_Work item_
State the number of lines in the following material that contain the string "centre", and nothing else.

[Start of Attachment]

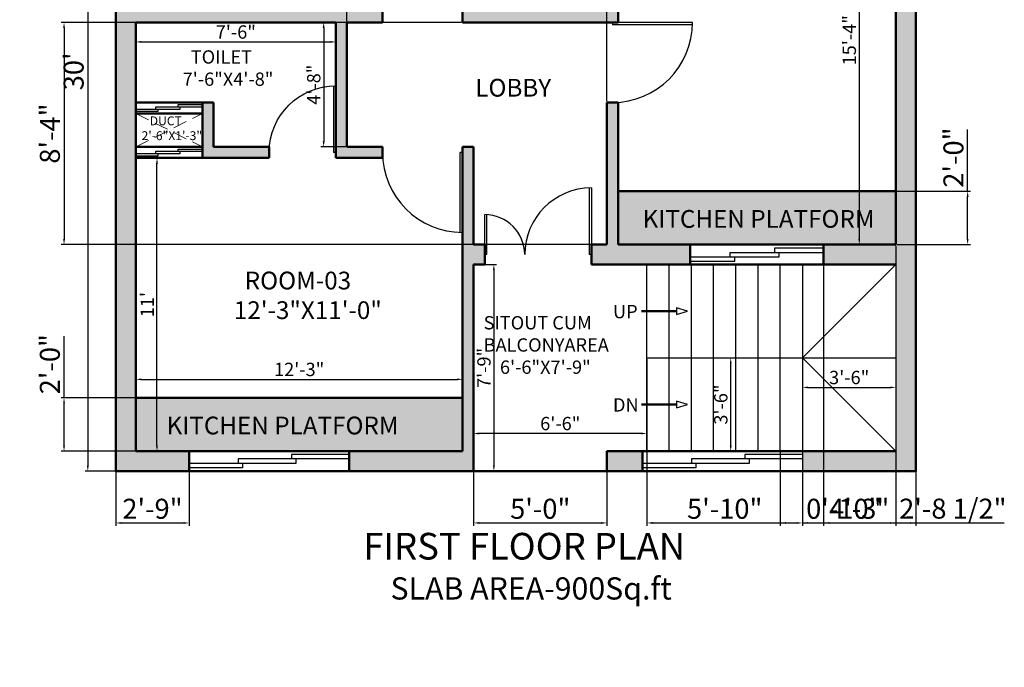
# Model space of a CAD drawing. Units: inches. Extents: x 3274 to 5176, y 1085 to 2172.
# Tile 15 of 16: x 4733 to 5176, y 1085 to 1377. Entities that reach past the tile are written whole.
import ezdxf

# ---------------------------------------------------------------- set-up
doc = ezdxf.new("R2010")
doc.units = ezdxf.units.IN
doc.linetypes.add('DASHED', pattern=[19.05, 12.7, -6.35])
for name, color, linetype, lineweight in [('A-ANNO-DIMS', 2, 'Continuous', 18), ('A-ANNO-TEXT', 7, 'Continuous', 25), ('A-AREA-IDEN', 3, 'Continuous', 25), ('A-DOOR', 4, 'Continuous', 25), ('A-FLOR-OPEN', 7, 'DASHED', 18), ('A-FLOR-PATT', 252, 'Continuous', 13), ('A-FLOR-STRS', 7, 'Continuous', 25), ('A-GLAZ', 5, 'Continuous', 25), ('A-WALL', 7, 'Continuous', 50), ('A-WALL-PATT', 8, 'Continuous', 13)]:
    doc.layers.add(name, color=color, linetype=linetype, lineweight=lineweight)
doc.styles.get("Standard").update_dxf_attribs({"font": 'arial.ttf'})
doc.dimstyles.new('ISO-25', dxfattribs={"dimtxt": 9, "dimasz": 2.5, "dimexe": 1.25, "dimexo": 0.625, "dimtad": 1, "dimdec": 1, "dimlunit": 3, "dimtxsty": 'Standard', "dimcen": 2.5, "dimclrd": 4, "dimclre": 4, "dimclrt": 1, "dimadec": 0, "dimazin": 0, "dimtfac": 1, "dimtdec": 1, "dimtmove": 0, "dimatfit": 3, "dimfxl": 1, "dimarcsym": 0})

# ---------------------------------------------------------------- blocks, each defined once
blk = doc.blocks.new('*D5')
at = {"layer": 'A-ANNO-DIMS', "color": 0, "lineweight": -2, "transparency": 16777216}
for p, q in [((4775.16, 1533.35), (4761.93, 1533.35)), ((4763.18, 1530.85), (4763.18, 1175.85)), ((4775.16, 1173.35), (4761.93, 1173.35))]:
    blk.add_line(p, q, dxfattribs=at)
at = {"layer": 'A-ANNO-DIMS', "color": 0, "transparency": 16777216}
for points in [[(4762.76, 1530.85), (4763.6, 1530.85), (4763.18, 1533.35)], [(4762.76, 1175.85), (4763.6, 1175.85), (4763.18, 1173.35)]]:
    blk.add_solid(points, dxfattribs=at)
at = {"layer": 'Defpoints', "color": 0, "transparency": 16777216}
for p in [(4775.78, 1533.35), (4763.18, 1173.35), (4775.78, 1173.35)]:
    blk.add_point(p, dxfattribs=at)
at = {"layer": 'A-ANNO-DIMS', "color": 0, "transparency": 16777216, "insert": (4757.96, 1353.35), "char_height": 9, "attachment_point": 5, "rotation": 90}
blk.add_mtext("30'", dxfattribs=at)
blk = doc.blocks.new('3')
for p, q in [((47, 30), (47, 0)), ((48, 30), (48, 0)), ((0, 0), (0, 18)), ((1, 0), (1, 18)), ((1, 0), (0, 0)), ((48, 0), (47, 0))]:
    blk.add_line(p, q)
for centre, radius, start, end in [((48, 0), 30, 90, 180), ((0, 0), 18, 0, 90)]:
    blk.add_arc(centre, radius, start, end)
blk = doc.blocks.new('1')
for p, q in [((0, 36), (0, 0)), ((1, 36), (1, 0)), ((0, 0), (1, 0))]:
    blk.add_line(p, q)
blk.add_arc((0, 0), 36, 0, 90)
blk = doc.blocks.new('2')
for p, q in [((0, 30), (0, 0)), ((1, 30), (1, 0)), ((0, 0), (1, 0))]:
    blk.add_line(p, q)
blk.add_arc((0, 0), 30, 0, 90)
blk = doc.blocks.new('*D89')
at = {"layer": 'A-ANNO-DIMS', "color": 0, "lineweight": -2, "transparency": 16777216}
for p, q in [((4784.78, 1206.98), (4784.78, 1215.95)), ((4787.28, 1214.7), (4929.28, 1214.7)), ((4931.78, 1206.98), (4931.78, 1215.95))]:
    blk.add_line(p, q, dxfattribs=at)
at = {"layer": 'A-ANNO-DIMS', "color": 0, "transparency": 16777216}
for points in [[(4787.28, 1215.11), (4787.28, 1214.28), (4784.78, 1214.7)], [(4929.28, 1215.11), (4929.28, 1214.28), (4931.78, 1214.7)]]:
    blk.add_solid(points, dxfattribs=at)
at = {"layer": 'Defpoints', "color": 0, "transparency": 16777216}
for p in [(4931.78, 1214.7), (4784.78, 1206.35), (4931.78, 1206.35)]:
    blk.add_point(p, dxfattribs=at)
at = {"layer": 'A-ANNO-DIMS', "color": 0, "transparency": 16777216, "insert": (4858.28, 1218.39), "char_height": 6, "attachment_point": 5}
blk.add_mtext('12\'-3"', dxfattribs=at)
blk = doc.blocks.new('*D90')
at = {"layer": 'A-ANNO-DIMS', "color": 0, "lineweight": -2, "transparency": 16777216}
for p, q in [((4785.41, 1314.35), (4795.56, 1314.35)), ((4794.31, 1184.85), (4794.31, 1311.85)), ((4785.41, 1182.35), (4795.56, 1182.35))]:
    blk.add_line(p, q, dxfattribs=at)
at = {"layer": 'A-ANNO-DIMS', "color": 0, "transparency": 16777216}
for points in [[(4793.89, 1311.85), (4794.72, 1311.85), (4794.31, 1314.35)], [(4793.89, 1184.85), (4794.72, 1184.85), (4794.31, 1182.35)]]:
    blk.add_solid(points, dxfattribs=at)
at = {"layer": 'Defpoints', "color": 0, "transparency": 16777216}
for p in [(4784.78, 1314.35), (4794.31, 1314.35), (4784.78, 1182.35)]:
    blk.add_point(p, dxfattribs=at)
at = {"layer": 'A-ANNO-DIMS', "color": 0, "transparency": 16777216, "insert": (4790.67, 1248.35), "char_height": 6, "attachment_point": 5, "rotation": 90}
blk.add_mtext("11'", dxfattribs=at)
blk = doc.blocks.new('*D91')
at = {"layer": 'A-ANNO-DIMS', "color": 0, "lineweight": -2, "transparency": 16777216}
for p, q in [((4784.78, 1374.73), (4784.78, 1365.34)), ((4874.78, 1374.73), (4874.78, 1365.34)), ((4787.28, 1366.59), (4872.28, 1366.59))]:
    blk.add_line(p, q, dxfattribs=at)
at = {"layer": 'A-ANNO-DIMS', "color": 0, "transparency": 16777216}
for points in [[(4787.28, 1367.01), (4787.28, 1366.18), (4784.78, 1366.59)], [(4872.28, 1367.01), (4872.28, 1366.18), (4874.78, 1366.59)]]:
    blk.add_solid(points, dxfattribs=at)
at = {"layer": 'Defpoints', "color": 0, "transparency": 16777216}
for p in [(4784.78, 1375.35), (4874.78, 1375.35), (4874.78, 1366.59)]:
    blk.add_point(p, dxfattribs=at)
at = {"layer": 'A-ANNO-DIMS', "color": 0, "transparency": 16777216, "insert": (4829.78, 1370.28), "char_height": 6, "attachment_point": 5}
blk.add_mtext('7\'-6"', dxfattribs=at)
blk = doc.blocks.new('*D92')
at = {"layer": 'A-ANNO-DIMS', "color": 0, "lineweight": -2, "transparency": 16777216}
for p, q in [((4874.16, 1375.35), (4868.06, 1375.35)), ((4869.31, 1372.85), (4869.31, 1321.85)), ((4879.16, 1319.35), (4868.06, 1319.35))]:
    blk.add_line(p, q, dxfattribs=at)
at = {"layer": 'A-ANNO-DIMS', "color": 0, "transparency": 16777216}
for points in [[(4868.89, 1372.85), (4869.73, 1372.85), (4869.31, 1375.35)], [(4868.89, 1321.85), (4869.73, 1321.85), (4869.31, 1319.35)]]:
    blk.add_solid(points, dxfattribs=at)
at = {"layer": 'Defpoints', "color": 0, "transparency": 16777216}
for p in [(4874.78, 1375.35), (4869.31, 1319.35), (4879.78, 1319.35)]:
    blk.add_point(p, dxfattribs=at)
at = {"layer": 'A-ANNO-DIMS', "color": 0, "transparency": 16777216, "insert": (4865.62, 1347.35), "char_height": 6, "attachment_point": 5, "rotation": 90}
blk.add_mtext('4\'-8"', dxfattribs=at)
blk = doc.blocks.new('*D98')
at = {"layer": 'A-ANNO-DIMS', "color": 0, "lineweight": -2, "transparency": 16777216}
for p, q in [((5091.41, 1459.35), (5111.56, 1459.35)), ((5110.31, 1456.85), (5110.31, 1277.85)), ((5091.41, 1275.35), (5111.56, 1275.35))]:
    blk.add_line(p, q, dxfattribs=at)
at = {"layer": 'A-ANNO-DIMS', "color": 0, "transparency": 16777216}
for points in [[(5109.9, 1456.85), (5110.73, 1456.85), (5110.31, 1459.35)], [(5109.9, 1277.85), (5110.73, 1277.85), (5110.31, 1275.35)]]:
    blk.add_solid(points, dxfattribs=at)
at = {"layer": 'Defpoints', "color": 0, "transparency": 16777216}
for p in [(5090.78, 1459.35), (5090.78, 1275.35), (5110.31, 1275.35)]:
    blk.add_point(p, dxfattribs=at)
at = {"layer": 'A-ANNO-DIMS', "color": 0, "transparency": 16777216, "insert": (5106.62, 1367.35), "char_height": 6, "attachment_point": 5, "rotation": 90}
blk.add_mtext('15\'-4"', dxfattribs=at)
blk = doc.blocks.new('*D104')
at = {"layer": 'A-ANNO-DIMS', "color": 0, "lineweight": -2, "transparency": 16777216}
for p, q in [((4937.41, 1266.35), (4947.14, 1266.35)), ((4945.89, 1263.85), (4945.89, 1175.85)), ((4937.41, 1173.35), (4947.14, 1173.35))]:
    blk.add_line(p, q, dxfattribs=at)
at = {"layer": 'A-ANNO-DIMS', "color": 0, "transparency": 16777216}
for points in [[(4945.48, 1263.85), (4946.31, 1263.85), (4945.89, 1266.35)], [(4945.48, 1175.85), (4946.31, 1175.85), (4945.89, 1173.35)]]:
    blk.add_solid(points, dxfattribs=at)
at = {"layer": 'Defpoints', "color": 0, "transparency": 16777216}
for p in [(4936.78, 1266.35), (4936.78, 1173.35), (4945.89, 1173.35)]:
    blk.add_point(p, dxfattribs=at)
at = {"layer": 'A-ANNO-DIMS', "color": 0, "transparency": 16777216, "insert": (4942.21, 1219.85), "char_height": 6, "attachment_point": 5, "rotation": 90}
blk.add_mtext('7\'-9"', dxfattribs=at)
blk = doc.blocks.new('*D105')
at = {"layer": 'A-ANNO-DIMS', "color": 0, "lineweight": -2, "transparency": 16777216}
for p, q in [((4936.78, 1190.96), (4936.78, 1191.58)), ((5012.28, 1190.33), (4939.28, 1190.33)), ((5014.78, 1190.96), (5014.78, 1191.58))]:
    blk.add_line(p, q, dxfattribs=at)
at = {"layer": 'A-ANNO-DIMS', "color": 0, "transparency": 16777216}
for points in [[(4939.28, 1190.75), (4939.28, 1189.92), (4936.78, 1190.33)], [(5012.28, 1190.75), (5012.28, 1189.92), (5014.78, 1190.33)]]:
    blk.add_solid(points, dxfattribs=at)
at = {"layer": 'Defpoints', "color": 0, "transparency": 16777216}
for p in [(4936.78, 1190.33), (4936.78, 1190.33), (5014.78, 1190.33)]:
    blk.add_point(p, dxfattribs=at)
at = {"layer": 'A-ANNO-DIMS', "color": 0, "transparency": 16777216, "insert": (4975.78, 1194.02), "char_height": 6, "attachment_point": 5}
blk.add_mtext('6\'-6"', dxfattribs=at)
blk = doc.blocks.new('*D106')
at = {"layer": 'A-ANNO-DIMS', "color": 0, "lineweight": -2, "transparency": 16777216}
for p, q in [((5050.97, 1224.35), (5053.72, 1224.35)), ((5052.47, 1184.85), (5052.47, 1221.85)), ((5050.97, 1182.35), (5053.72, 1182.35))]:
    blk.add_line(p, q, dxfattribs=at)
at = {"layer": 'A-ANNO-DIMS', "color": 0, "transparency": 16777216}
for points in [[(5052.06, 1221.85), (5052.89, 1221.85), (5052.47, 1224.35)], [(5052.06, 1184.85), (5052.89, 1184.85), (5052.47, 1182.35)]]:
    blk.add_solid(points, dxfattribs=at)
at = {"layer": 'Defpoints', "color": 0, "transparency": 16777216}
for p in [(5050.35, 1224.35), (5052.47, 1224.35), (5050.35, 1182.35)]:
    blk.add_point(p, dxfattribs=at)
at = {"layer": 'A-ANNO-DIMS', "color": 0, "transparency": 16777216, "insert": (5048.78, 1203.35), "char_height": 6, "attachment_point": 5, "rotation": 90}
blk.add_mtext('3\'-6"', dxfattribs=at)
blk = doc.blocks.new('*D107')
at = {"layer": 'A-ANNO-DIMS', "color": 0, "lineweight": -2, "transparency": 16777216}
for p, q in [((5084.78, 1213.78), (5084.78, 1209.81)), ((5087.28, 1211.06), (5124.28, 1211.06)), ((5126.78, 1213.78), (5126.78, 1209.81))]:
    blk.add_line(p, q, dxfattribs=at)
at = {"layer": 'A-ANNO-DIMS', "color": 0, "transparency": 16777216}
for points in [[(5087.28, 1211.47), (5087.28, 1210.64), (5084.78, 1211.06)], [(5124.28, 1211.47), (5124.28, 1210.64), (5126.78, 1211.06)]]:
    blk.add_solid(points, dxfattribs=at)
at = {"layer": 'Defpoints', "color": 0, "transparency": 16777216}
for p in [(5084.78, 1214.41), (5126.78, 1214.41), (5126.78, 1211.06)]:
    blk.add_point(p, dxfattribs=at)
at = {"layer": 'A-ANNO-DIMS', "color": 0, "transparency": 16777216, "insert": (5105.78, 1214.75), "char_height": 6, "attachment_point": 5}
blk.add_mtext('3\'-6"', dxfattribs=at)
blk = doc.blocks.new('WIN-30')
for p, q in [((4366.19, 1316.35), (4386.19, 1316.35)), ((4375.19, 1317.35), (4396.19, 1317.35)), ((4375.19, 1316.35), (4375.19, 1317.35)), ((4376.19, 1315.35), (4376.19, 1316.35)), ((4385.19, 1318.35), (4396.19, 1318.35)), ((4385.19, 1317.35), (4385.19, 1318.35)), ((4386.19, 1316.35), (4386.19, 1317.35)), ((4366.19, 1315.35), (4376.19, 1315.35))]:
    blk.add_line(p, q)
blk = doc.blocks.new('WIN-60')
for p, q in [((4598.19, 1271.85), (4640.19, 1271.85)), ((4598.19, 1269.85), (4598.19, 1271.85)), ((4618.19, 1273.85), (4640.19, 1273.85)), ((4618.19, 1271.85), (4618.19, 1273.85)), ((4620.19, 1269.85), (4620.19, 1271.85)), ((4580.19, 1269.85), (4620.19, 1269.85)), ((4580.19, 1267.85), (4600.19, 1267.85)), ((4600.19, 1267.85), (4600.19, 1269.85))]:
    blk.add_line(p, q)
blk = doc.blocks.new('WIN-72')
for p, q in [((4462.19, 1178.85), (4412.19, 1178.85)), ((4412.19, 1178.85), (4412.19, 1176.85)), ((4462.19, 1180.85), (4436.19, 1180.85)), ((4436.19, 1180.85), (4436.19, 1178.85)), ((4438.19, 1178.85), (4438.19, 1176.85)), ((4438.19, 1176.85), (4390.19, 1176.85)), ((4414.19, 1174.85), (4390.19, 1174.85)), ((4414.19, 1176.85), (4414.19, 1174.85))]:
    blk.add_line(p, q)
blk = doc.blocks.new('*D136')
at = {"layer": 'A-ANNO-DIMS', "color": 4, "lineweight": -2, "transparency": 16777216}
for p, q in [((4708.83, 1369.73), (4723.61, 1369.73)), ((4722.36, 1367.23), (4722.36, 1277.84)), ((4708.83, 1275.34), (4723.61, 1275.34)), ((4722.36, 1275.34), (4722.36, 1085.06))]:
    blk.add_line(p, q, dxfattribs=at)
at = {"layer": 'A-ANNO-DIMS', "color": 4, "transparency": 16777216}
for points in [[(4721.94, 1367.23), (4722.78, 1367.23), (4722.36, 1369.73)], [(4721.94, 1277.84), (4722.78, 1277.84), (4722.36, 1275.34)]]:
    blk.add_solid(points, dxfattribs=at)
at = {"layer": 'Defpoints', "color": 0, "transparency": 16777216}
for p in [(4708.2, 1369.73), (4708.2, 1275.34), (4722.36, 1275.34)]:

[End of Attachment]

_Response below_
2